TASK DESCRIPTION:
Give the number of lines in the listing that contain "project", with no other words.

DATA FOR REVIEW:

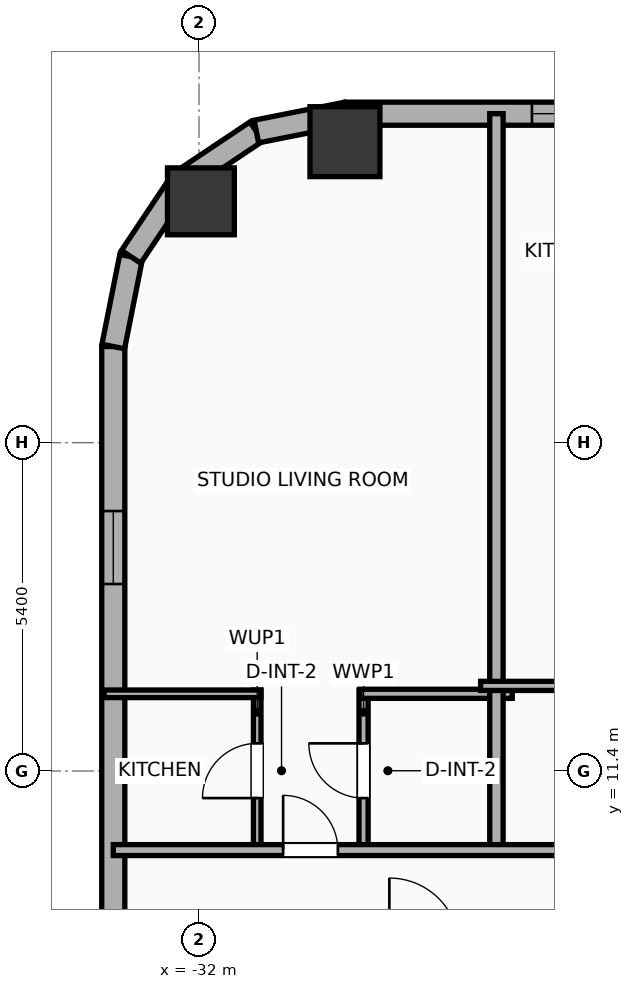
"""IFC4 building model, lengths in metres.
Left out: names, types, materials, properties, quantities, classifications, styles, units other than length and angle.
Written with IfcOpenShell. Run it as: python <this file> out.ifc"""

import sys

from ifc_helpers import new_model, si_unit, direction, frame, frame_2d, origin, origin_2d, place, context, subcontext, project, spatial, rectangle, hollow_rectangle, hollow_circle, extrude, element, fill, save


model = new_model("IFC4")
c1 = context("Model", 3, precision=1e-05, world=origin(), true_north=direction((0.0, 1.0)))
c2 = subcontext(c1, "Body", "Model", "MODEL_VIEW")
j1 = project(units=[si_unit("LENGTHUNIT", "METRE"), si_unit("PLANEANGLEUNIT", "RADIAN")], contexts=[c1])
p1 = place(None, origin())
s1 = spatial("IfcSite", under=j1, at=p1, CompositionType="ELEMENT")
p2 = place(p1, origin())
s2 = spatial("IfcBuilding", under=s1, at=p2, CompositionType="ELEMENT")
p3 = place(p2, frame((0.0, 0.0, 68.9)))
s3 = spatial("IfcBuildingStorey", under=s2, at=p3, CompositionType="ELEMENT", Elevation=68.9)
p4 = place(p3, frame((-29.6, 21.75, 0.0), z_axis=(0.0, 0.0, 1.0), x_axis=(1.0, 0.0, 0.0)))
e1 = element("IfcColumn", 1, at=p4, inside=s3, PredefinedType="COLUMN", context=c2, shape_type="SweptSolid", body=[
    extrude(hollow_rectangle(XDim=1.15, YDim=1.15, WallThickness=0.04, at=origin_2d()), origin(), (0.0, 0.0, 1.0), 3.9),
])
p5 = place(p3, frame((-31.969, 20.769, 0.0), z_axis=(0.0, 0.0, 1.0), x_axis=(1.0, 0.0, 0.0)))
e2 = element("IfcColumn", 2, at=p5, inside=s3, PredefinedType="COLUMN", context=c2, shape_type="SweptSolid", body=[
    extrude(hollow_circle(Radius=0.55, WallThickness=0.036, at=origin_2d()), origin(), (0.0, 0.0, 1.0), 3.9),
])
p6 = place(p3, frame((-33.41, -18.381, 0.0), z_axis=(0.0, 0.0, 1.0), x_axis=(0.0, 1.0, 0.0)))
e3 = element("IfcWall", 3, at=p6, inside=s3, PredefinedType="ELEMENTEDWALL", context=c2, shape_type="SweptSolid", body=[
    extrude(rectangle(XDim=36.763, YDim=0.38, at=frame_2d((18.381, 0.0))), origin(), (0.0, 0.0, 1.0), 3.65),
])
p7 = place(p6, frame((32.857, 0.0, 0.75)))
e4 = element("IfcOpeningElement", 4, at=p7, cuts=e3, PredefinedType="OPENING", context=c2, shape_type="SweptSolid", body=[
    extrude(rectangle(XDim=1.2, YDim=2.05, at=frame_2d((0.6, 1.025))), frame((0.0, 0.2, 0.0), z_axis=(0.0, -1.0, 0.0), x_axis=(1.0, 0.0, 0.0)), (0.0, 0.0, 1.0), 0.4),
])
p8 = place(p6, frame((22.126, 0.0, 0.75)))
e5 = element("IfcOpeningElement", 5, at=p8, cuts=e3, PredefinedType="OPENING", context=c2, shape_type="SweptSolid", body=[
    extrude(rectangle(XDim=1.2, YDim=2.05, at=frame_2d((0.6, 1.025))), frame((0.0, 0.2, 0.0), z_axis=(0.0, -1.0, 0.0), x_axis=(1.0, 0.0, 0.0)), (0.0, 0.0, 1.0), 0.4),
])
p9 = place(p6, frame((13.576, 0.0, 0.75)))
e6 = element("IfcOpeningElement", 6, at=p9, cuts=e3, PredefinedType="OPENING", context=c2, shape_type="SweptSolid", body=[
    extrude(rectangle(XDim=1.2, YDim=2.05, at=frame_2d((0.6, 1.025))), frame((0.0, 0.2, 0.0), z_axis=(0.0, -1.0, 0.0), x_axis=(1.0, 0.0, 0.0)), (0.0, 0.0, 1.0), 0.4),
])
p10 = place(p3, frame((-33.41, 18.381, 0.0), z_axis=(0.0, 0.0, 1.0), x_axis=(0.195086038585, 0.980786132421, 0.0)))
e7 = element("IfcWall", 7, at=p10, inside=s3, PredefinedType="ELEMENTEDWALL", context=c2, shape_type="SweptSolid", body=[
    extrude(rectangle(XDim=1.504, YDim=0.38, at=frame_2d((0.752, 0.0))), origin(), (0.0, 0.0, 1.0), 3.65),
])
p11 = place(p3, frame((-33.116, 19.857, 0.0), z_axis=(0.0, 0.0, 1.0), x_axis=(0.555572577804, 0.831468045563, 0.0)))
e8 = element("IfcWall", 8, at=p11, inside=s3, PredefinedType="ELEMENTEDWALL", context=c2, shape_type="SweptSolid", body=[
    extrude(rectangle(XDim=1.485, YDim=0.38, at=frame_2d((0.742, 0.0))), origin(), (0.0, 0.0, 1.0), 3.65),
])
p12 = place(p3, frame((-32.292, 21.091, 0.0), z_axis=(0.0, 0.0, 1.0), x_axis=(0.831442848281, 0.555610286119, 0.0)))
e9 = element("IfcWall", 9, at=p12, inside=s3, PredefinedType="ELEMENTEDWALL", context=c2, shape_type="SweptSolid", body=[
    extrude(rectangle(XDim=1.485, YDim=0.38, at=frame_2d((0.743, 0.0))), origin(), (0.0, 0.0, 1.0), 3.65),
])
p13 = place(p3, frame((-31.057, 21.917, 0.0), z_axis=(0.0, 0.0, 1.0), x_axis=(0.980786132421, 0.195086038585, 0.0)))
e10 = element("IfcWall", 10, at=p13, inside=s3, PredefinedType="ELEMENTEDWALL", context=c2, shape_type="SweptSolid", body=[
    extrude(rectangle(XDim=1.504, YDim=0.38, at=frame_2d((0.752, 0.0))), origin(), (0.0, 0.0, 1.0), 3.65),
])
p14 = place(p3, frame((-29.581, 22.21, 0.0), z_axis=(0.0, 0.0, 1.0), x_axis=(1.0, 0.0, 0.0)))
e11 = element("IfcWall", 11, at=p14, inside=s3, PredefinedType="ELEMENTEDWALL", context=c2, shape_type="SweptSolid", body=[
    extrude(rectangle(XDim=51.963, YDim=0.38, at=frame_2d((25.981, 0.0))), origin(), (0.0, 0.0, 1.0), 3.65),
])
p15 = place(p14, frame((5.81, 0.0, 0.75)))
e12 = element("IfcOpeningElement", 12, at=p15, cuts=e11, PredefinedType="OPENING", context=c2, shape_type="SweptSolid", body=[
    extrude(rectangle(XDim=2.4, YDim=2.1, at=frame_2d((1.2, 1.05))), frame((0.0, 0.2, 0.0), z_axis=(0.0, -1.0, 0.0), x_axis=(1.0, 0.0, 0.0)), (0.0, 0.0, 1.0), 0.4),
])
p16 = place(p14, frame((23.931, 0.0, 0.75)))
e13 = element("IfcOpeningElement", 13, at=p16, cuts=e11, PredefinedType="OPENING", context=c2, shape_type="SweptSolid", body=[
    extrude(rectangle(XDim=2.4, YDim=2.1, at=frame_2d((1.2, 1.05))), frame((0.0, 0.2, 0.0), z_axis=(0.0, -1.0, 0.0), x_axis=(1.0, 0.0, 0.0)), (0.0, 0.0, 1.0), 0.4),
])
p17 = place(p14, frame((3.056, 0.0, 0.75)))
e14 = element("IfcOpeningElement", 14, at=p17, cuts=e11, PredefinedType="OPENING", context=c2, shape_type="SweptSolid", body=[
    extrude(rectangle(XDim=1.2, YDim=2.05, at=frame_2d((0.6, 1.025))), frame((0.0, 0.2, 0.0), z_axis=(0.0, -1.0, 0.0), x_axis=(1.0, 0.0, 0.0)), (0.0, 0.0, 1.0), 0.4),
])
p18 = place(p14, frame((11.127, 0.0, 0.75)))
e15 = element("IfcOpeningElement", 15, at=p18, cuts=e11, PredefinedType="OPENING", context=c2, shape_type="SweptSolid", body=[
    extrude(rectangle(XDim=0.52, YDim=2.05, at=frame_2d((0.26, 1.025))), frame((0.0, 0.2, 0.0), z_axis=(0.0, -1.0, 0.0), x_axis=(1.0, 0.0, 0.0)), (0.0, 0.0, 1.0), 0.4),
])
p19 = place(p14, frame((14.327, 0.0, 0.75)))
e16 = element("IfcOpeningElement", 16, at=p19, cuts=e11, PredefinedType="OPENING", context=c2, shape_type="SweptSolid", body=[
    extrude(rectangle(XDim=1.2, YDim=2.05, at=frame_2d((0.6, 1.025))), frame((0.0, 0.2, 0.0), z_axis=(0.0, -1.0, 0.0), x_axis=(1.0, 0.0, 0.0)), (0.0, 0.0, 1.0), 0.4),
])
p20 = place(p14, frame((21.641, 0.0, 0.75)))
e17 = element("IfcOpeningElement", 17, at=p20, cuts=e11, PredefinedType="OPENING", context=c2, shape_type="SweptSolid", body=[
    extrude(rectangle(XDim=1.2, YDim=2.05, at=frame_2d((0.6, 1.025))), frame((0.0, 0.2, 0.0), z_axis=(0.0, -1.0, 0.0), x_axis=(1.0, 0.0, 0.0)), (0.0, 0.0, 1.0), 0.4),
])
p21 = place(p14, frame((18.486, 0.0, 0.75)))
e18 = element("IfcOpeningElement", 18, at=p21, cuts=e11, PredefinedType="OPENING", context=c2, shape_type="SweptSolid", body=[
    extrude(rectangle(XDim=1.2, YDim=2.05, at=frame_2d((0.6, 1.025))), frame((0.0, 0.2, 0.0), z_axis=(0.0, -1.0, 0.0), x_axis=(1.0, 0.0, 0.0)), (0.0, 0.0, 1.0), 0.4),
])
p22 = place(p14, frame((28.976, 0.0, 0.75)))
e19 = element("IfcOpeningElement", 19, at=p22, cuts=e11, PredefinedType="OPENING", context=c2, shape_type="SweptSolid", body=[
    extrude(rectangle(XDim=1.2, YDim=2.05, at=frame_2d((0.6, 1.025))), frame((0.0, 0.2, 0.0), z_axis=(0.0, -1.0, 0.0), x_axis=(1.0, 0.0, 0.0)), (0.0, 0.0, 1.0), 0.4),
])
p23 = place(p14, frame((33.476, 0.0, 0.75)))
e20 = element("IfcOpeningElement", 20, at=p23, cuts=e11, PredefinedType="OPENING", context=c2, shape_type="SweptSolid", body=[
    extrude(rectangle(XDim=1.2, YDim=2.05, at=frame_2d((0.6, 1.025))), frame((0.0, 0.2, 0.0), z_axis=(0.0, -1.0, 0.0), x_axis=(1.0, 0.0, 0.0)), (0.0, 0.0, 1.0), 0.4),
])
p24 = place(p14, frame((36.752, 0.0, 0.75)))
e21 = element("IfcOpeningElement", 21, at=p24, cuts=e11, PredefinedType="OPENING", context=c2, shape_type="SweptSolid", body=[
    extrude(rectangle(XDim=1.2, YDim=2.05, at=frame_2d((0.6, 1.025))), frame((0.0, 0.2, 0.0), z_axis=(0.0, -1.0, 0.0), x_axis=(1.0, 0.0, 0.0)), (0.0, 0.0, 1.0), 0.4),
])
p25 = place(p14, frame((42.452, 0.0, 0.75)))
e22 = element("IfcOpeningElement", 22, at=p25, cuts=e11, PredefinedType="OPENING", context=c2, shape_type="SweptSolid", body=[
    extrude(rectangle(XDim=1.2, YDim=2.05, at=frame_2d((0.6, 1.025))), frame((0.0, 0.2, 0.0), z_axis=(0.0, -1.0, 0.0), x_axis=(1.0, 0.0, 0.0)), (0.0, 0.0, 1.0), 0.4),
])
p26 = place(p14, frame((45.831, 0.0, 0.75)))
e23 = element("IfcOpeningElement", 23, at=p26, cuts=e11, PredefinedType="OPENING", context=c2, shape_type="SweptSolid", body=[
    extrude(rectangle(XDim=1.2, YDim=2.05, at=frame_2d((0.6, 1.025))), frame((0.0, 0.2, 0.0), z_axis=(0.0, -1.0, 0.0), x_axis=(1.0, 0.0, 0.0)), (0.0, 0.0, 1.0), 0.4),
])
p27 = place(p14, frame((48.585, 0.0, 0.75)))
e24 = element("IfcOpeningElement", 24, at=p27, cuts=e11, PredefinedType="OPENING", context=c2, shape_type="SweptSolid", body=[
    extrude(rectangle(XDim=1.2, YDim=2.05, at=frame_2d((0.6, 1.025))), frame((0.0, 0.2, 0.0), z_axis=(0.0, -1.0, 0.0), x_axis=(1.0, 0.0, 0.0)), (0.0, 0.0, 1.0), 0.4),
])
p28 = place(p14, frame((50.421, 0.0, 0.75)))
e25 = element("IfcOpeningElement", 25, at=p28, cuts=e11, PredefinedType="OPENING", context=c2, shape_type="SweptSolid", body=[
    extrude(rectangle(XDim=0.52, YDim=2.05, at=frame_2d((0.26, 1.025))), frame((0.0, 0.2, 0.0), z_axis=(0.0, -1.0, 0.0), x_axis=(1.0, 0.0, 0.0)), (0.0, 0.0, 1.0), 0.4),
])
p29 = place(p3, frame((-31.043, 10.08, 0.0), z_axis=(0.0, 0.0, 1.0), x_axis=(0.0, 1.0, 0.0)))
e26 = element("IfcWall", 26, at=p29, inside=s3, PredefinedType="PARTITIONING", context=c2, shape_type="SweptSolid", body=[
    extrude(rectangle(XDim=2.65, YDim=0.125, at=frame_2d((1.325, 0.0))), origin(), (0.0, 0.0, 1.0), 3.65),
])
p30 = place(p29, frame((0.875, 0.0, 0.0)))
e27 = element("IfcOpeningElement", 27, at=p30, cuts=e26, PredefinedType="OPENING", context=c2, shape_type="SweptSolid", body=[
    extrude(rectangle(XDim=0.9, YDim=2.05, at=frame_2d((0.45, 1.025))), frame((0.0, 0.073, 0.0), z_axis=(0.0, -1.0, 0.0), x_axis=(1.0, 0.0, 0.0)), (0.0, 0.0, 1.0), 0.145),
])
p31 = place(p3, frame((-29.294, 10.08, 0.0), z_axis=(0.0, 0.0, 1.0), x_axis=(0.0, 1.0, 0.0)))
e28 = element("IfcWall", 28, at=p31, inside=s3, PredefinedType="PLUMBINGWALL", context=c2, shape_type="SweptSolid", body=[
    extrude(rectangle(XDim=2.65, YDim=0.15, at=frame_2d((1.325, 0.0))), origin(), (0.0, 0.0, 1.0), 3.65),
])
p32 = place(p31, frame((0.875, 0.0, 0.0)))
e29 = element("IfcOpeningElement", 29, at=p32, cuts=e28, PredefinedType="OPENING", context=c2, shape_type="SweptSolid", body=[
    extrude(rectangle(XDim=0.9, YDim=2.05, at=frame_2d((0.45, 1.025))), frame((0.0, 0.085, 0.0), z_axis=(0.0, -1.0, 0.0), x_axis=(1.0, 0.0, 0.0)), (0.0, 0.0, 1.0), 0.17),
])
p33 = place(p3, frame((-33.56, 12.67, 0.0), z_axis=(0.0, 0.0, 1.0), x_axis=(1.0, 0.0, 0.0)))
e30 = element("IfcWall", 30, at=p33, inside=s3, PredefinedType="PARTITIONING", context=c2, shape_type="SweptSolid", body=[
    extrude(rectangle(XDim=2.577, YDim=0.125, at=frame_2d((1.289, 0.0))), origin(), (0.0, 0.0, 1.0), 3.65),
])
p34 = place(p3, frame((-29.354, 12.67, 0.0), z_axis=(0.0, 0.0, 1.0), x_axis=(1.0, 0.0, 0.0)))
e31 = element("IfcWall", 31, at=p34, inside=s3, PredefinedType="PLUMBINGWALL", context=c2, shape_type="SweptSolid", body=[
    extrude(rectangle(XDim=2.505, YDim=0.15, at=frame_2d((1.252, 0.0))), origin(), (0.0, 0.0, 1.0), 3.65),
])
p35 = place(p3, frame((-27.109, 10.02, 0.0), z_axis=(0.0, 0.0, 1.0), x_axis=(0.0, 1.0, 0.0)))
e32 = element("IfcWall", 32, at=p35, inside=s3, PredefinedType="PARTITIONING", context=c2, shape_type="SweptSolid", body=[
    extrude(rectangle(XDim=12.19, YDim=0.22, at=frame_2d((6.095, 0.0))), origin(), (0.0, 0.0, 1.0), 3.65),
])
p36 = place(p3, frame((-27.369, 12.8, 0.0), z_axis=(0.0, 0.0, 1.0), x_axis=(1.0, 0.0, 0.0)))
e33 = element("IfcWall", 33, at=p36, inside=s3, PredefinedType="PLUMBINGWALL", context=c2, shape_type="SweptSolid", body=[
    extrude(rectangle(XDim=2.708, YDim=0.15, at=frame_2d((1.354, 0.0))), origin(), (0.0, 0.0, 1.0), 3.65),
])
p37 = place(p3, frame((-33.41, 10.1, 0.0), z_axis=(0.0, 0.0, 1.0), x_axis=(1.0, 0.0, 0.0)))
e34 = element("IfcWall", 34, at=p37, inside=s3, PredefinedType="PARTITIONING", context=c2, shape_type="SweptSolid", body=[
    extrude(rectangle(XDim=59.62, YDim=0.18, at=frame_2d((29.81, 0.0))), origin(), (0.0, 0.0, 1.0), 3.65),
])
p38 = place(p37, frame((2.793, 0.0, 0.0)))
e35 = element("IfcOpeningElement", 35, at=p38, cuts=e34, PredefinedType="OPENING", context=c2, shape_type="SweptSolid", body=[
    extrude(rectangle(XDim=0.9, YDim=2.05, at=frame_2d((0.45, 1.025))), frame((0.0, 0.1, 0.0), z_axis=(0.0, -1.0, 0.0), x_axis=(1.0, 0.0, 0.0)), (0.0, 0.0, 1.0), 0.2),
])
p39 = place(p37, frame((10.037, 0.0, 0.0)))
e36 = element("IfcOpeningElement", 36, at=p39, cuts=e34, PredefinedType="OPENING", context=c2, shape_type="SweptSolid", body=[
    extrude(rectangle(XDim=1.15, YDim=2.05, at=frame_2d((0.575, 1.025))), frame((0.0, 0.1, 0.0), z_axis=(0.0, -1.0, 0.0), x_axis=(1.0, 0.0, 0.0)), (0.0, 0.0, 1.0), 0.2),
])
p40 = place(p37, frame((16.882, 0.0, 0.0)))
e37 = element("IfcOpeningElement", 37, at=p40, cuts=e34, PredefinedType="OPENING", context=c2, shape_type="SweptSolid", body=[
    extrude(rectangle(XDim=1.15, YDim=2.05, at=frame_2d((0.575, 1.025))), frame((0.0, 0.1, 0.0), z_axis=(0.0, -1.0, 0.0), x_axis=(1.0, 0.0, 0.0)), (0.0, 0.0, 1.0), 0.2),
])
p41 = place(p37, frame((25.801, 0.0, 0.0)))
e38 = element("IfcOpeningElement", 38, at=p41, cuts=e34, PredefinedType="OPENING", context=c2, shape_type="SweptSolid", body=[
    extrude(rectangle(XDim=1.15, YDim=2.05, at=frame_2d((0.575, 1.025))), frame((0.0, 0.1, 0.0), z_axis=(0.0, -1.0, 0.0), x_axis=(1.0, 0.0, 0.0)), (0.0, 0.0, 1.0), 0.2),
])
p42 = place(p37, frame((34.72, 0.0, 0.0)))
e39 = element("IfcOpeningElement", 39, at=p42, cuts=e34, PredefinedType="OPENING", context=c2, shape_type="SweptSolid", body=[
    extrude(rectangle(XDim=1.15, YDim=2.05, at=frame_2d((0.575, 1.025))), frame((0.0, 0.1, 0.0), z_axis=(0.0, -1.0, 0.0), x_axis=(1.0, 0.0, 0.0)), (0.0, 0.0, 1.0), 0.2),
])
p43 = place(p37, frame((43.771, 0.0, 0.0)))
e40 = element("IfcOpeningElement", 40, at=p43, cuts=e34, PredefinedType="OPENING", context=c2, shape_type="SweptSolid", body=[
    extrude(rectangle(XDim=1.15, YDim=2.05, at=frame_2d((0.575, 1.025))), frame((0.0, 0.1, 0.0), z_axis=(0.0, -1.0, 0.0), x_axis=(1.0, 0.0, 0.0)), (0.0, 0.0, 1.0), 0.2),
])
p44 = place(p37, frame((49.715, 0.0, 0.0)))
e41 = element("IfcOpeningElement", 41, at=p44, cuts=e34, PredefinedType="OPENING", context=c2, shape_type="SweptSolid", body=[
    extrude(rectangle(XDim=1.15, YDim=2.05, at=frame_2d((0.575, 1.025))), frame((0.0, 0.1, 0.0), z_axis=(0.0, -1.0, 0.0), x_axis=(1.0, 0.0, 0.0)), (0.0, 0.0, 1.0), 0.2),
])
p45 = place(p37, frame((56.654, 0.0, 0.0)))
e42 = element("IfcOpeningElement", 42, at=p45, cuts=e34, PredefinedType="OPENING", context=c2, shape_type="SweptSolid", body=[
    extrude(rectangle(XDim=0.9, YDim=2.05, at=frame_2d((0.45, 1.025))), frame((0.0, 0.1, 0.0), z_axis=(0.0, -1.0, 0.0), x_axis=(1.0, 0.0, 0.0)), (0.0, 0.0, 1.0), 0.2),
])
p46 = place(p7, origin())
e43 = element("IfcWindow", 43, at=p46, inside=s3, PartitioningType="SINGLE_PANEL", PredefinedType="WINDOW", context=c2, shape_type="SweptSolid", body=[
    extrude(rectangle(XDim=1.2, YDim=2.05, at=frame_2d((0.6, 1.025))), frame((0.0, 0.03, 0.0), z_axis=(0.0, -1.0, 0.0), x_axis=(1.0, 0.0, 0.0)), (0.0, 0.0, 1.0), 0.06),
])
fill(e4, e43)
p47 = place(p17, origin())
e44 = element("IfcWindow", 44, at=p47, inside=s3, PartitioningType="SINGLE_PANEL", PredefinedType="WINDOW", context=c2, shape_type="SweptSolid", body=[
    extrude(rectangle(XDim=1.2, YDim=2.05, at=frame_2d((0.6, 1.025))), frame((0.0, 0.03, 0.0), z_axis=(0.0, -1.0, 0.0), x_axis=(1.0, 0.0, 0.0)), (0.0, 0.0, 1.0), 0.06),
])
fill(e14, e44)
p48 = place(p30, origin())
e45 = element("IfcDoor", 45, at=p48, inside=s3, OperationType="SINGLE_SWING_LEFT", PredefinedType="DOOR", context=c2, shape_type="SweptSolid", body=[
    extrude(rectangle(XDim=0.9, YDim=2.05, at=frame_2d((0.45, 1.025))), frame((0.0, 0.025, 0.0), z_axis=(0.0, -1.0, 0.0), x_axis=(1.0, 0.0, 0.0)), (0.0, 0.0, 1.0), 0.05),
])
fill(e27, e45)
p49 = place(p32, origin())
e46 = element("IfcDoor", 46, at=p49, inside=s3, OperationType="SINGLE_SWING_RIGHT", PredefinedType="DOOR", context=c2, shape_type="SweptSolid", body=[
    extrude(rectangle(XDim=0.9, YDim=2.05, at=frame_2d((0.45, 1.025))), frame((0.0, 0.025, 0.0), z_axis=(0.0, -1.0, 0.0), x_axis=(1.0, 0.0, 0.0)), (0.0, 0.0, 1.0), 0.05),
])
fill(e29, e46)
p50 = place(p38, origin())
e47 = element("IfcDoor", 47, at=p50, inside=s3, OperationType="SINGLE_SWING_LEFT", PredefinedType="DOOR", context=c2, shape_type="SweptSolid", body=[
    extrude(rectangle(XDim=0.9, YDim=2.05, at=frame_2d((0.45, 1.025))), frame((0.0, 0.025, 0.0), z_axis=(0.0, -1.0, 0.0), x_axis=(1.0, 0.0, 0.0)), (0.0, 0.0, 1.0), 0.05),
])
fill(e35, e47)
save(model, sys.argv[1])

ANSWER BOX:
2